Supplied material:
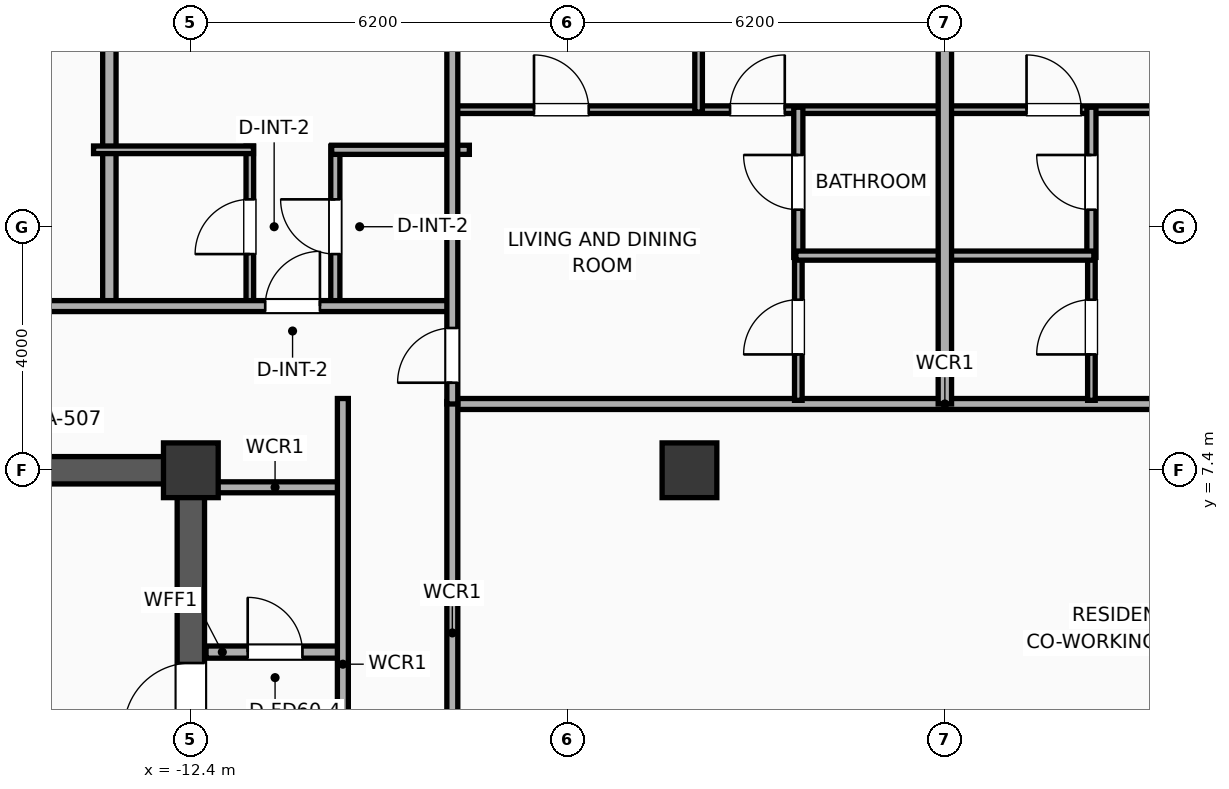
"""IFC4 building model, lengths in metres.
Left out: names, types, materials, properties, quantities, classifications, styles, units other than length and angle.
Written with IfcOpenShell. Run it as: python <this file> out.ifc"""

import sys

from ifc_helpers import new_model, si_unit, direction, frame, frame_2d, origin, origin_2d, place, context, subcontext, project, spatial, rectangle, extrude, element, fill, save


model = new_model("IFC4")
c1 = context("Model", 3, precision=1e-05, world=origin(), true_north=direction((0.0, 1.0)))
c2 = subcontext(c1, "Body", "Model", "MODEL_VIEW")
j1 = project(units=[si_unit("LENGTHUNIT", "METRE"), si_unit("PLANEANGLEUNIT", "RADIAN")], contexts=[c1])
p1 = place(None, origin())
s1 = spatial("IfcSite", under=j1, at=p1, CompositionType="ELEMENT")
p2 = place(p1, origin())
s2 = spatial("IfcBuilding", under=s1, at=p2, CompositionType="ELEMENT")
p3 = place(p2, frame((0.0, 0.0, 200.2)))
s3 = spatial("IfcBuildingStorey", under=s2, at=p3, CompositionType="ELEMENT", Elevation=200.2)
p4 = place(p3, frame((-12.4, 7.4, 0.0), z_axis=(0.0, 0.0, 1.0), x_axis=(1.0, 0.0, 0.0)))
e1 = element("IfcColumn", 1, at=p4, inside=s3, PredefinedType="COLUMN", context=c2, shape_type="SweptSolid", body=[
    extrude(rectangle(XDim=0.9, YDim=0.9, at=origin_2d()), origin(), (0.0, 0.0, 1.0), 3.9),
])
p5 = place(p3, frame((-19.425, 7.4, 0.0), z_axis=(0.0, 0.0, 1.0), x_axis=(1.0, 0.0, 0.0)))
e2 = element("IfcWall", 2, at=p5, inside=s3, PredefinedType="SHEAR", context=c2, shape_type="SweptSolid", body=[
    extrude(rectangle(XDim=7.25, YDim=0.45, at=frame_2d((3.625, 0.0))), origin(), (0.0, 0.0, 1.0), 3.65),
])
p6 = place(p3, frame((-12.4, -7.4, 0.0), z_axis=(0.0, 0.0, 1.0), x_axis=(0.0, 1.0, 0.0)))
e3 = element("IfcWall", 3, at=p6, inside=s3, PredefinedType="SHEAR", context=c2, shape_type="SweptSolid", body=[
    extrude(rectangle(XDim=14.8, YDim=0.45, at=frame_2d((7.4, 0.0))), origin(), (0.0, 0.0, 1.0), 3.65),
])
p7 = place(p6, frame((6.05, 0.0, 0.0)))
e4 = element("IfcOpeningElement", 4, at=p7, cuts=e3, PredefinedType="OPENING", context=c2, shape_type="SweptSolid", body=[
    extrude(rectangle(XDim=1.1, YDim=2.05, at=frame_2d((0.55, 1.025))), frame((0.0, 0.235, 0.0), z_axis=(0.0, -1.0, 0.0), x_axis=(1.0, 0.0, 0.0)), (0.0, 0.0, 1.0), 0.47),
])
p8 = place(p6, frame((8.6, 0.0, 0.0)))
e5 = element("IfcOpeningElement", 5, at=p8, cuts=e3, PredefinedType="OPENING", context=c2, shape_type="SweptSolid", body=[
    extrude(rectangle(XDim=1.1, YDim=2.05, at=frame_2d((0.55, 1.025))), frame((0.0, 0.235, 0.0), z_axis=(0.0, -1.0, 0.0), x_axis=(1.0, 0.0, 0.0)), (0.0, 0.0, 1.0), 0.47),
])
p9 = place(p6, frame((10.53, 0.0, 0.0)))
e6 = element("IfcOpeningElement", 6, at=p9, cuts=e3, PredefinedType="OPENING", context=c2, shape_type="SweptSolid", body=[
    extrude(rectangle(XDim=1.1, YDim=2.05, at=frame_2d((0.55, 1.025))), frame((0.0, 0.235, 0.0), z_axis=(0.0, -1.0, 0.0), x_axis=(1.0, 0.0, 0.0)), (0.0, 0.0, 1.0), 0.47),
])
p10 = place(p6, frame((2.25, 0.0, 0.0)))
e7 = element("IfcOpeningElement", 7, at=p10, cuts=e3, PredefinedType="OPENING", context=c2, shape_type="SweptSolid", body=[
    extrude(rectangle(XDim=0.9, YDim=2.05, at=frame_2d((0.45, 1.025))), frame((0.0, 0.235, 0.0), z_axis=(0.0, -1.0, 0.0), x_axis=(1.0, 0.0, 0.0)), (0.0, 0.0, 1.0), 0.47),
])
p11 = place(p3, frame((-4.2, 7.4, 0.0), z_axis=(0.0, 0.0, 1.0), x_axis=(1.0, 0.0, 0.0)))
e8 = element("IfcColumn", 8, at=p11, inside=s3, PredefinedType="COLUMN", context=c2, shape_type="SweptSolid", body=[
    extrude(rectangle(XDim=0.9, YDim=0.9, at=origin_2d()), origin(), (0.0, 0.0, 1.0), 3.9),
])
p12 = place(p3, frame((-12.15, 4.41, 0.0), z_axis=(0.0, 0.0, 1.0), x_axis=(1.0, 0.0, 0.0)))
e9 = element("IfcWall", 9, at=p12, inside=s3, PredefinedType="PARTITIONING", context=c2, shape_type="SweptSolid", body=[
    extrude(rectangle(XDim=2.27, YDim=0.2, at=frame_2d((1.135, 0.0))), origin(), (0.0, 0.0, 1.0), 3.65),
])
p13 = place(p12, frame((0.685, 0.0, 0.0)))
e10 = element("IfcOpeningElement", 10, at=p13, cuts=e9, PredefinedType="OPENING", context=c2, shape_type="SweptSolid", body=[
    extrude(rectangle(XDim=0.9, YDim=2.05, at=frame_2d((0.45, 1.025))), frame((0.0, 0.11, 0.0), z_axis=(0.0, -1.0, 0.0), x_axis=(1.0, 0.0, 0.0)), (0.0, 0.0, 1.0), 0.22),
])
p14 = place(p3, frame((-12.15, 7.12, 0.0), z_axis=(0.0, 0.0, 1.0), x_axis=(1.0, 0.0, 0.0)))
e11 = element("IfcWall", 11, at=p14, inside=s3, PredefinedType="PARTITIONING", context=c2, shape_type="SweptSolid", body=[
    extrude(rectangle(XDim=2.27, YDim=0.18, at=frame_2d((1.135, 0.0))), origin(), (0.0, 0.0, 1.0), 3.65),
])
p15 = place(p3, frame((-9.9, -8.58, 0.0), z_axis=(0.0, 0.0, 1.0), x_axis=(0.0, 1.0, 0.0)))
e12 = element("IfcWall", 12, at=p15, inside=s3, PredefinedType="PARTITIONING", context=c2, shape_type="SweptSolid", body=[
    extrude(rectangle(XDim=17.16, YDim=0.18, at=frame_2d((8.58, 0.0))), origin(), (0.0, 0.0, 1.0), 3.65),
])
p16 = place(p15, frame((7.172, 0.0, 0.0)))
e13 = element("IfcOpeningElement", 13, at=p16, cuts=e12, PredefinedType="OPENING", context=c2, shape_type="SweptSolid", body=[
    extrude(rectangle(XDim=1.1, YDim=2.05, at=frame_2d((0.55, 1.025))), frame((0.0, 0.1, 0.0), z_axis=(0.0, -1.0, 0.0), x_axis=(1.0, 0.0, 0.0)), (0.0, 0.0, 1.0), 0.2),
])
p17 = place(p3, frame((-8.15, 8.49, 0.0), z_axis=(0.0, 0.0, 1.0), x_axis=(1.0, 0.0, 0.0)))
e14 = element("IfcWall", 14, at=p17, inside=s3, PredefinedType="PARTITIONING", context=c2, shape_type="SweptSolid", body=[
    extrude(rectangle(XDim=16.3, YDim=0.18, at=frame_2d((8.15, 0.0))), origin(), (0.0, 0.0, 1.0), 3.65),
])
p18 = place(p3, frame((-8.1, 0.92, 0.0), z_axis=(0.0, 0.0, 1.0), x_axis=(0.0, 1.0, 0.0)))
e15 = element("IfcWall", 15, at=p18, inside=s3, PredefinedType="PARTITIONING", context=c2, shape_type="SweptSolid", body=[
    extrude(rectangle(XDim=7.61, YDim=0.18, at=frame_2d((3.805, 0.0))), origin(), (0.0, 0.0, 1.0), 3.65),
])
p19 = place(p3, frame((-13.74, 10.02, 0.0), z_axis=(0.0, 0.0, 1.0), x_axis=(0.0, 1.0, 0.0)))
e16 = element("IfcWall", 16, at=p19, inside=s3, PredefinedType="PARTITIONING", context=c2, shape_type="SweptSolid", body=[
    extrude(rectangle(XDim=10.01, YDim=0.22, at=frame_2d((5.005, 0.0))), origin(), (0.0, 0.0, 1.0), 3.65),
])
p20 = place(p3, frame((-11.43, 10.08, 0.0), z_axis=(0.0, 0.0, 1.0), x_axis=(0.0, 1.0, 0.0)))
e17 = element("IfcWall", 17, at=p20, inside=s3, PredefinedType="PARTITIONING", context=c2, shape_type="SweptSolid", body=[
    extrude(rectangle(XDim=2.65, YDim=0.125, at=frame_2d((1.325, 0.0))), origin(), (0.0, 0.0, 1.0), 3.65),
])
p21 = place(p20, frame((0.875, 0.0, 0.0)))
e18 = element("IfcOpeningElement", 18, at=p21, cuts=e17, PredefinedType="OPENING", context=c2, shape_type="SweptSolid", body=[
    extrude(rectangle(XDim=0.9, YDim=2.05, at=frame_2d((0.45, 1.025))), frame((0.0, 0.073, 0.0), z_axis=(0.0, -1.0, 0.0), x_axis=(1.0, 0.0, 0.0)), (0.0, 0.0, 1.0), 0.145),
])
p22 = place(p3, frame((-10.024, 10.08, 0.0), z_axis=(0.0, 0.0, 1.0), x_axis=(0.0, 1.0, 0.0)))
e19 = element("IfcWall", 19, at=p22, inside=s3, PredefinedType="PLUMBINGWALL", context=c2, shape_type="SweptSolid", body=[
    extrude(rectangle(XDim=2.65, YDim=0.15, at=frame_2d((1.325, 0.0))), origin(), (0.0, 0.0, 1.0), 3.65),
])
p23 = place(p22, frame((0.875, 0.0, 0.0)))
e20 = element("IfcOpeningElement", 20, at=p23, cuts=e19, PredefinedType="OPENING", context=c2, shape_type="SweptSolid", body=[
    extrude(rectangle(XDim=0.9, YDim=2.05, at=frame_2d((0.45, 1.025))), frame((0.0, 0.085, 0.0), z_axis=(0.0, -1.0, 0.0), x_axis=(1.0, 0.0, 0.0)), (0.0, 0.0, 1.0), 0.17),
])
p24 = place(p3, frame((-14.0, 12.67, 0.0), z_axis=(0.0, 0.0, 1.0), x_axis=(1.0, 0.0, 0.0)))
e21 = element("IfcWall", 21, at=p24, inside=s3, PredefinedType="PARTITIONING", context=c2, shape_type="SweptSolid", body=[
    extrude(rectangle(XDim=2.63, YDim=0.125, at=frame_2d((1.315, 0.0))), origin(), (0.0, 0.0, 1.0), 3.65),
])
p25 = place(p3, frame((-10.084, 12.67, 0.0), z_axis=(0.0, 0.0, 1.0), x_axis=(1.0, 0.0, 0.0)))
e22 = element("IfcWall", 22, at=p25, inside=s3, PredefinedType="PLUMBINGWALL", context=c2, shape_type="SweptSolid", body=[
    extrude(rectangle(XDim=2.264, YDim=0.15, at=frame_2d((1.132, 0.0))), origin(), (0.0, 0.0, 1.0), 3.65),
])
p26 = place(p3, frame((-19.5, 10.1, 0.0), z_axis=(0.0, 0.0, 1.0), x_axis=(1.0, 0.0, 0.0)))
e23 = element("IfcWall", 23, at=p26, inside=s3, PredefinedType="PARTITIONING", context=c2, shape_type="SweptSolid", body=[
    extrude(rectangle(XDim=11.42, YDim=0.18, at=frame_2d((5.71, 0.0))), origin(), (0.0, 0.0, 1.0), 3.65),
])
p27 = place(p26, frame((3.464, 0.0, 0.0)))
e24 = element("IfcOpeningElement", 24, at=p27, cuts=e23, PredefinedType="OPENING", context=c2, shape_type="SweptSolid", body=[
    extrude(rectangle(XDim=1.15, YDim=2.05, at=frame_2d((0.575, 1.025))), frame((0.0, 0.1, 0.0), z_axis=(0.0, -1.0, 0.0), x_axis=(1.0, 0.0, 0.0)), (0.0, 0.0, 1.0), 0.2),
])
p28 = place(p26, frame((8.323, 0.0, 0.0)))
e25 = element("IfcOpeningElement", 25, at=p28, cuts=e23, PredefinedType="OPENING", context=c2, shape_type="SweptSolid", body=[
    extrude(rectangle(XDim=0.9, YDim=2.05, at=frame_2d((0.45, 1.025))), frame((0.0, 0.1, 0.0), z_axis=(0.0, -1.0, 0.0), x_axis=(1.0, 0.0, 0.0)), (0.0, 0.0, 1.0), 0.2),
])
p29 = place(p3, frame((-8.08, 13.33, 0.0), z_axis=(0.0, 0.0, 1.0), x_axis=(1.0, 0.0, 0.0)))
e26 = element("IfcWall", 26, at=p29, inside=s3, PredefinedType="PARTITIONING", context=c2, shape_type="SweptSolid", body=[
    extrude(rectangle(XDim=8.06, YDim=0.125, at=frame_2d((4.03, 0.0))), origin(), (0.0, 0.0, 1.0), 3.65),
])
p30 = place(p29, frame((1.323, 0.0, 0.0)))
e27 = element("IfcOpeningElement", 27, at=p30, cuts=e26, PredefinedType="OPENING", context=c2, shape_type="SweptSolid", body=[
    extrude(rectangle(XDim=0.9, YDim=2.05, at=frame_2d((0.45, 1.025))), frame((0.0, 0.073, 0.0), z_axis=(0.0, -1.0, 0.0), x_axis=(1.0, 0.0, 0.0)), (0.0, 0.0, 1.0), 0.145),
])
p31 = place(p29, frame((4.547, 0.0, 0.0)))
e28 = element("IfcOpeningElement", 28, at=p31, cuts=e26, PredefinedType="OPENING", context=c2, shape_type="SweptSolid", body=[
    extrude(rectangle(XDim=0.9, YDim=2.05, at=frame_2d((0.45, 1.025))), frame((0.0, 0.073, 0.0), z_axis=(0.0, -1.0, 0.0), x_axis=(1.0, 0.0, 0.0)), (0.0, 0.0, 1.0), 0.145),
])
p32 = place(p3, frame((-2.41, 8.55, 0.0), z_axis=(0.0, 0.0, 1.0), x_axis=(0.0, 1.0, 0.0)))
e29 = element("IfcWall", 29, at=p32, inside=s3, PredefinedType="PARTITIONING", context=c2, shape_type="SweptSolid", body=[
    extrude(rectangle(XDim=2.41, YDim=0.125, at=frame_2d((1.205, 0.0))), origin(), (0.0, 0.0, 1.0), 3.65),
])
p33 = place(p32, frame((0.755, 0.0, 0.0)))
e30 = element("IfcOpeningElement", 30, at=p33, cuts=e29, PredefinedType="OPENING", context=c2, shape_type="SweptSolid", body=[
    extrude(rectangle(XDim=0.9, YDim=2.05, at=frame_2d((0.45, 1.025))), frame((0.0, 0.073, 0.0), z_axis=(0.0, -1.0, 0.0), x_axis=(1.0, 0.0, 0.0)), (0.0, 0.0, 1.0), 0.145),
])
p34 = place(p3, frame((-2.41, 10.9, 0.0), z_axis=(0.0, 0.0, 1.0), x_axis=(0.0, 1.0, 0.0)))
e31 = element("IfcWall", 31, at=p34, inside=s3, PredefinedType="PLUMBINGWALL", context=c2, shape_type="SweptSolid", body=[
    extrude(rectangle(XDim=2.47, YDim=0.15, at=frame_2d((1.235, 0.0))), origin(), (0.0, 0.0, 1.0), 3.65),
])
p35 = place(p34, frame((0.785, 0.0, 0.0)))
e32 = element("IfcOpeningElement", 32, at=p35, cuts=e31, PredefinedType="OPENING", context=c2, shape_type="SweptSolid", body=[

Work item: Copy out all lines from the material above that contain the string "project".

Solution for this task:
from ifc_helpers import new_model, si_unit, direction, frame, frame_2d, origin, origin_2d, place, context, subcontext, project, spatial, rectangle, extrude, element, fill, save
j1 = project(units=[si_unit("LENGTHUNIT", "METRE"), si_unit("PLANEANGLEUNIT", "RADIAN")], contexts=[c1])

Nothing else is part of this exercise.